Goal of the exercise:
Only text lines belong in the answer: the lines from the first one in the records through the line with "from ifc_helpers import", copied exactly.

(Data records)
# # # #

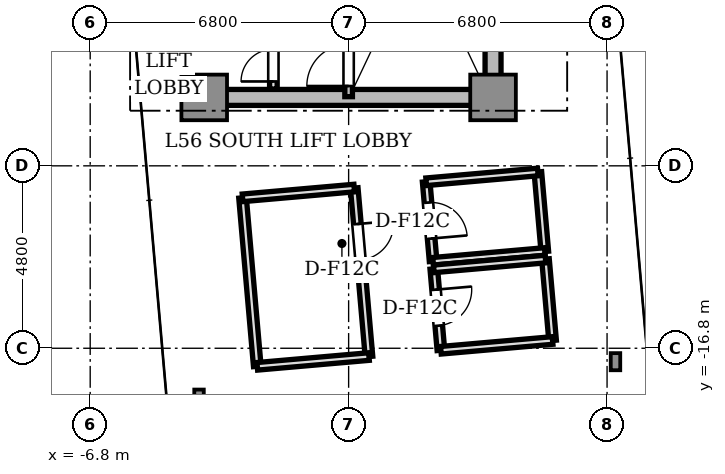
"""IFC4 building model, lengths in metres.
Left out: names, types, materials, properties, quantities, classifications, styles, units other than length and angle.
Written with IfcOpenShell. Run it as: python <this file> out.ifc"""

import sys

from ifc_helpers import new_model, si_unit, direction, frame, frame_2d, origin, origin_2d, place, context, subcontext, project, spatial, rectangle, i_section, extrude, source, transform, mapped, element, fill, save


model = new_model("IFC4")
c1 = context("Model", 3, precision=1e-05, world=origin(), true_north=direction((0.0, 1.0)))
c2 = subcontext(c1, "Body", "Model", "MODEL_VIEW")
j1 = project(units=[si_unit("LENGTHUNIT", "METRE"), si_unit("PLANEANGLEUNIT", "RADIAN")], contexts=[c1])
p1 = place(None, origin())
s1 = spatial("IfcSite", under=j1, at=p1, CompositionType="ELEMENT")
p2 = place(p1, origin())
s2 = spatial("IfcBuilding", under=s1, at=p2, CompositionType="ELEMENT")
p3 = place(p2, frame((0.0, 0.0, 202.0)))
s3 = spatial("IfcBuildingStorey", under=s2, at=p3, CompositionType="ELEMENT", Elevation=202.0)
p4 = place(p3, frame((-3.55, -10.2, 0.0), z_axis=(0.0, 0.0, 1.0), x_axis=(1.0, 0.0, 0.0)))
e1 = element("IfcWall", 1, at=p4, inside=s3, PredefinedType="SHEAR", context=c2, shape_type="SweptSolid", body=[
    extrude(rectangle(XDim=7.1, YDim=0.42, at=frame_2d((3.55, 0.0))), origin(), (0.0, 0.0, 1.0), 4.26),
])
p5 = place(p3, frame((3.8, -9.75, 0.0), z_axis=(0.0, 0.0, 1.0), x_axis=(0.0, 1.0, 0.0)))
e2 = element("IfcWall", 2, at=p5, inside=s3, PredefinedType="SHEAR", context=c2, shape_type="SweptSolid", body=[
    extrude(rectangle(XDim=6.9, YDim=0.42, at=frame_2d((3.45, 0.0))), origin(), (0.0, 0.0, 1.0), 4.26),
])
m1 = source(origin(), c2, "Body", "SweptSolid", [
    extrude(rectangle(XDim=1.2, YDim=1.2, at=origin_2d()), origin(), (0.0, 0.0, 1.0), 4.26),
])
for number, where, z_axis, x_axis in (
    (3, (-3.8, -10.2, 0.0), (0.0, 0.0, 1.0), (1.0, 0.0, 0.0)),
    (4, (3.8, -10.2, 0.0), (0.0, 0.0, 1.0), (1.0, 0.0, 0.0)),
):
    element("IfcColumn", number, at=place(p3, frame(where, z_axis=z_axis, x_axis=x_axis)), inside=s3, PredefinedType="COLUMN", context=c2, shape_type="MappedRepresentation", body=[
        mapped(m1, transform((0.0, 0.0, 0.0), scale=1.0)),
    ])
m2 = source(origin(), c2, "Body", "SweptSolid", [
    extrude(i_section(OverallWidth=0.25, OverallDepth=0.45, WebThickness=0.014, FlangeThickness=0.014, FilletRadius=0.015, at=origin_2d()), origin(), (0.0, 0.0, 1.0), 4.26),
])
for number, where, z_axis, x_axis in (
    (5, (-3.936, -18.112, 0.0), (0.0, 0.0, 1.0), (1.0, 0.0, 0.0)),
    (6, (7.022, -17.153, 0.0), (0.0, 0.0, 1.0), (1.0, 0.0, 0.0)),
):
    element("IfcColumn", number, at=place(p3, frame(where, z_axis=z_axis, x_axis=x_axis)), inside=s3, PredefinedType="COLUMN", context=c2, shape_type="MappedRepresentation", body=[
        mapped(m2, transform((0.0, 0.0, 0.0), scale=1.0)),
    ])
p6 = place(p3, frame((0.0, -10.18, 0.0), z_axis=(0.0, 0.0, 1.0), x_axis=(0.0, 1.0, 0.0)))
e7 = element("IfcWall", 7, at=p6, inside=s3, PredefinedType="SOLIDWALL", context=c2, shape_type="SweptSolid", body=[
    extrude(rectangle(XDim=7.68, YDim=0.2, at=frame_2d((3.84, 0.0))), origin(), (0.0, 0.0, 1.0), 4.26),
])
p7 = place(p6, frame((0.28, 0.0, 0.0)))
e8 = element("IfcOpeningElement", 8, at=p7, cuts=e7, PredefinedType="OPENING", context=c2, shape_type="SweptSolid", body=[
    extrude(rectangle(XDim=1.1, YDim=2.15, at=frame_2d((0.55, 1.075))), frame((0.0, 0.11, 0.0), z_axis=(0.0, -1.0, 0.0), x_axis=(1.0, 0.0, 0.0)), (0.0, 0.0, 1.0), 0.22),
])
p8 = place(p3, frame((-1.98, -9.98, 0.0), z_axis=(0.0, 0.0, 1.0), x_axis=(0.0, 1.0, 0.0)))
e9 = element("IfcWall", 9, at=p8, inside=s3, PredefinedType="SOLIDWALL", context=c2, shape_type="SweptSolid", body=[
    extrude(rectangle(XDim=4.66, YDim=0.2, at=frame_2d((2.33, 0.0))), origin(), (0.0, 0.0, 1.0), 3.81),
])
p9 = place(p8, frame((0.2, 0.0, 0.0)))
e10 = element("IfcOpeningElement", 10, at=p9, cuts=e9, PredefinedType="OPENING", context=c2, shape_type="SweptSolid", body=[
    extrude(rectangle(XDim=0.85, YDim=2.1, at=frame_2d((0.425, 1.05))), frame((0.0, 0.11, 0.0), z_axis=(0.0, -1.0, 0.0), x_axis=(1.0, 0.0, 0.0)), (0.0, 0.0, 1.0), 0.22),
])
p10 = place(p3, frame((2.04, -12.419, 0.0), z_axis=(0.0, 0.0, 1.0), x_axis=(0.08707609357, -0.996201663283, 0.0)))
e11 = element("IfcWall", 11, at=p10, inside=s3, PredefinedType="SOLIDWALL", context=c2, shape_type="SweptSolid", body=[
    extrude(rectangle(XDim=2.1, YDim=0.2, at=frame_2d((1.05, 0.0))), origin(), (0.0, 0.0, 1.0), 3.81),
])
p11 = place(p10, frame((0.55, 0.0, 0.0)))
e12 = element("IfcOpeningElement", 12, at=p11, cuts=e11, PredefinedType="OPENING", context=c2, shape_type="SweptSolid", body=[
    extrude(rectangle(XDim=0.95, YDim=2.15, at=frame_2d((0.475, 1.075))), frame((0.0, 0.11, 0.0), z_axis=(0.0, -1.0, 0.0), x_axis=(1.0, 0.0, 0.0)), (0.0, 0.0, 1.0), 0.22),
])
p12 = place(p3, frame((4.979, -12.162, 0.0), z_axis=(0.0, 0.0, 1.0), x_axis=(0.087191466799, -0.996191571997, 0.0)))
e13 = element("IfcWall", 13, at=p12, inside=s3, PredefinedType="SOLIDWALL", context=c2, shape_type="SweptSolid", body=[
    extrude(rectangle(XDim=2.1, YDim=0.2, at=frame_2d((1.05, 0.0))), origin(), (0.0, 0.0, 1.0), 2.73),
])
p13 = place(p3, frame((2.04, -12.419, 0.0), z_axis=(0.0, 0.0, 1.0), x_axis=(0.996195424117, 0.087147443848, 0.0)))
e14 = element("IfcWall", 14, at=p13, inside=s3, PredefinedType="SOLIDWALL", context=c2, shape_type="SweptSolid", body=[
    extrude(rectangle(XDim=2.95, YDim=0.2, at=frame_2d((1.475, 0.0))), origin(), (0.0, 0.0, 1.0), 3.81),
])
p14 = place(p3, frame((2.223, -14.511, 0.0), z_axis=(0.0, 0.0, 1.0), x_axis=(0.996196052583, 0.087140259459, 0.0)))
e15 = element("IfcWall", 15, at=p14, inside=s3, PredefinedType="SOLIDWALL", context=c2, shape_type="SweptSolid", body=[
    extrude(rectangle(XDim=2.95, YDim=0.2, at=frame_2d((1.475, 0.0))), origin(), (0.0, 0.0, 1.0), 2.73),
])
p15 = place(p3, frame((2.24, -14.711, 0.0), z_axis=(0.0, 0.0, 1.0), x_axis=(0.087207799987, -0.996190142303, 0.0)))
e16 = element("IfcWall", 16, at=p15, inside=s3, PredefinedType="SOLIDWALL", context=c2, shape_type="SweptSolid", body=[
    extrude(rectangle(XDim=2.15, YDim=0.2, at=frame_2d((1.075, 0.0))), origin(), (0.0, 0.0, 1.0), 3.81),
])
p16 = place(p15, frame((0.55, 0.0, 0.0)))
e17 = element("IfcOpeningElement", 17, at=p16, cuts=e16, PredefinedType="OPENING", context=c2, shape_type="SweptSolid", body=[
    extrude(rectangle(XDim=0.95, YDim=2.15, at=frame_2d((0.475, 1.075))), frame((0.0, 0.11, 0.0), z_axis=(0.0, -1.0, 0.0), x_axis=(1.0, 0.0, 0.0)), (0.0, 0.0, 1.0), 0.22),
])
p17 = place(p3, frame((5.179, -14.454, 0.0), z_axis=(0.0, 0.0, 1.0), x_axis=(0.087095110076, -0.996200000904, 0.0)))
e18 = element("IfcWall", 18, at=p17, inside=s3, PredefinedType="SOLIDWALL", context=c2, shape_type="SweptSolid", body=[
    extrude(rectangle(XDim=2.15, YDim=0.2, at=frame_2d((1.075, 0.0))), origin(), (0.0, 0.0, 1.0), 2.73),
])
p18 = place(p3, frame((2.24, -14.711, 0.0), z_axis=(0.0, 0.0, 1.0), x_axis=(0.996196052583, 0.087140259459, 0.0)))
e19 = element("IfcWall", 19, at=p18, inside=s3, PredefinedType="SOLIDWALL", context=c2, shape_type="SweptSolid", body=[
    extrude(rectangle(XDim=2.95, YDim=0.2, at=frame_2d((1.475, 0.0))), origin(), (0.0, 0.0, 1.0), 2.73),
])
p19 = place(p3, frame((2.428, -16.853, 0.0), z_axis=(0.0, 0.0, 1.0), x_axis=(0.996195424117, 0.087147443848, 0.0)))
e20 = element("IfcWall", 20, at=p19, inside=s3, PredefinedType="SOLIDWALL", context=c2, shape_type="SweptSolid", body=[
    extrude(rectangle(XDim=2.95, YDim=0.2, at=frame_2d((1.475, 0.0))), origin(), (0.0, 0.0, 1.0), 2.73),
])
p20 = place(p3, frame((0.147, -12.585, 0.0), z_axis=(0.0, 0.0, 1.0), x_axis=(0.087176478262, -0.996192883752, 0.0)))
e21 = element("IfcWall", 21, at=p20, inside=s3, PredefinedType="SOLIDWALL", context=c2, shape_type="SweptSolid", body=[
    extrude(rectangle(XDim=4.45, YDim=0.2, at=frame_2d((2.225, 0.0))), origin(), (0.0, 0.0, 1.0), 3.81),
])
p21 = place(p20, frame((0.95, 0.0, 0.0)))
e22 = element("IfcOpeningElement", 22, at=p21, cuts=e21, PredefinedType="OPENING", context=c2, shape_type="SweptSolid", body=[
    extrude(rectangle(XDim=0.95, YDim=2.15, at=frame_2d((0.475, 1.075))), frame((0.0, 0.11, 0.0), z_axis=(0.0, -1.0, 0.0), x_axis=(1.0, 0.0, 0.0)), (0.0, 0.0, 1.0), 0.22),
])
p22 = place(p3, frame((-2.792, -12.842, 0.0), z_axis=(0.0, 0.0, 1.0), x_axis=(0.087181243031, -0.996192466777, 0.0)))
e23 = element("IfcWall", 23, at=p22, inside=s3, PredefinedType="SOLIDWALL", context=c2, shape_type="SweptSolid", body=[
    extrude(rectangle(XDim=4.45, YDim=0.2, at=frame_2d((2.225, 0.0))), origin(), (0.0, 0.0, 1.0), 3.81),
])
p23 = place(p3, frame((-2.792, -12.842, 0.0), z_axis=(0.0, 0.0, 1.0), x_axis=(0.996188865451, 0.087222384465, 0.0)))
e24 = element("IfcWall", 24, at=p23, inside=s3, PredefinedType="SOLIDWALL", context=c2, shape_type="SweptSolid", body=[
    extrude(rectangle(XDim=2.95, YDim=0.2, at=frame_2d((1.475, 0.0))), origin(), (0.0, 0.0, 1.0), 3.81),
])
p24 = place(p3, frame((-2.404, -17.275, 0.0), z_axis=(0.0, 0.0, 1.0), x_axis=(0.996196052583, 0.087140259459, 0.0)))
e25 = element("IfcWall", 25, at=p24, inside=s3, PredefinedType="SOLIDWALL", context=c2, shape_type="SweptSolid", body=[
    extrude(rectangle(XDim=2.95, YDim=0.2, at=frame_2d((1.475, 0.0))), origin(), (0.0, 0.0, 1.0), 2.73),
])
m3 = source(origin(), c2, "Body", "SweptSolid", [
    extrude(rectangle(XDim=1.1, YDim=0.05, at=origin_2d()), origin(), (0.0, 0.0, 1.0), 2.15),
])
p25 = place(p7, frame((0.55, 0.0, 0.0)))
e26 = element("IfcDoor", 26, at=p25, inside=s3, OperationType="SINGLE_SWING_LEFT", PredefinedType="DOOR", context=c2, shape_type="MappedRepresentation", body=[
    mapped(m3, transform((0.0, 0.0, 0.0), scale=1.0)),
])
fill(e8, e26)
m4 = source(origin(), c2, "Body", "SweptSolid", [
    extrude(rectangle(XDim=0.85, YDim=0.05, at=origin_2d()), origin(), (0.0, 0.0, 1.0), 2.1),
])
p26 = place(p9, frame((0.425, 0.0, 0.0)))
e27 = element("IfcDoor", 27, at=p26, inside=s3, OperationType="SINGLE_SWING_LEFT", PredefinedType="DOOR", context=c2, shape_type="MappedRepresentation", body=[
    mapped(m4, transform((0.0, 0.0, 0.0), scale=1.0)),
])
fill(e10, e27)
m5 = source(origin(), c2, "Body", "SweptSolid", [
    extrude(rectangle(XDim=0.95, YDim=0.05, at=origin_2d()), origin(), (0.0, 0.0, 1.0), 2.15),
])
p27 = place(p11, frame((0.475, 0.0, 0.0)))
e28 = element("IfcDoor", 28, at=p27, inside=s3, OperationType="SINGLE_SWING_RIGHT", PredefinedType="DOOR", context=c2, shape_type="MappedRepresentation", body=[
    mapped(m5, transform((0.0, 0.0, 0.0), scale=1.0)),
])
fill(e12, e28)
p28 = place(p16, frame((0.475, 0.0, 0.0)))
e29 = element("IfcDoor", 29, at=p28, inside=s3, OperationType="SINGLE_SWING_LEFT", PredefinedType="DOOR", context=c2, shape_type="MappedRepresentation", body=[
    mapped(m5, transform((0.0, 0.0, 0.0), scale=1.0)),
])
fill(e17, e29)
p29 = place(p21, frame((0.475, 0.0, 0.0)))
e30 = element("IfcDoor", 30, at=p29, inside=s3, OperationType="SINGLE_SWING_LEFT", PredefinedType="DOOR", context=c2, shape_type="MappedRepresentation", body=[
    mapped(m5, transform((0.0, 0.0, 0.0), scale=1.0)),
])
fill(e22, e30)
save(model, sys.argv[1])

# # # #

Result for this task:
"""IFC4 building model, lengths in metres.
Left out: names, types, materials, properties, quantities, classifications, styles, units other than length and angle.
Written with IfcOpenShell. Run it as: python <this file> out.ifc"""

import sys

from ifc_helpers import new_model, si_unit, direction, frame, frame_2d, origin, origin_2d, place, context, subcontext, project, spatial, rectangle, i_section, extrude, source, transform, mapped, element, fill, save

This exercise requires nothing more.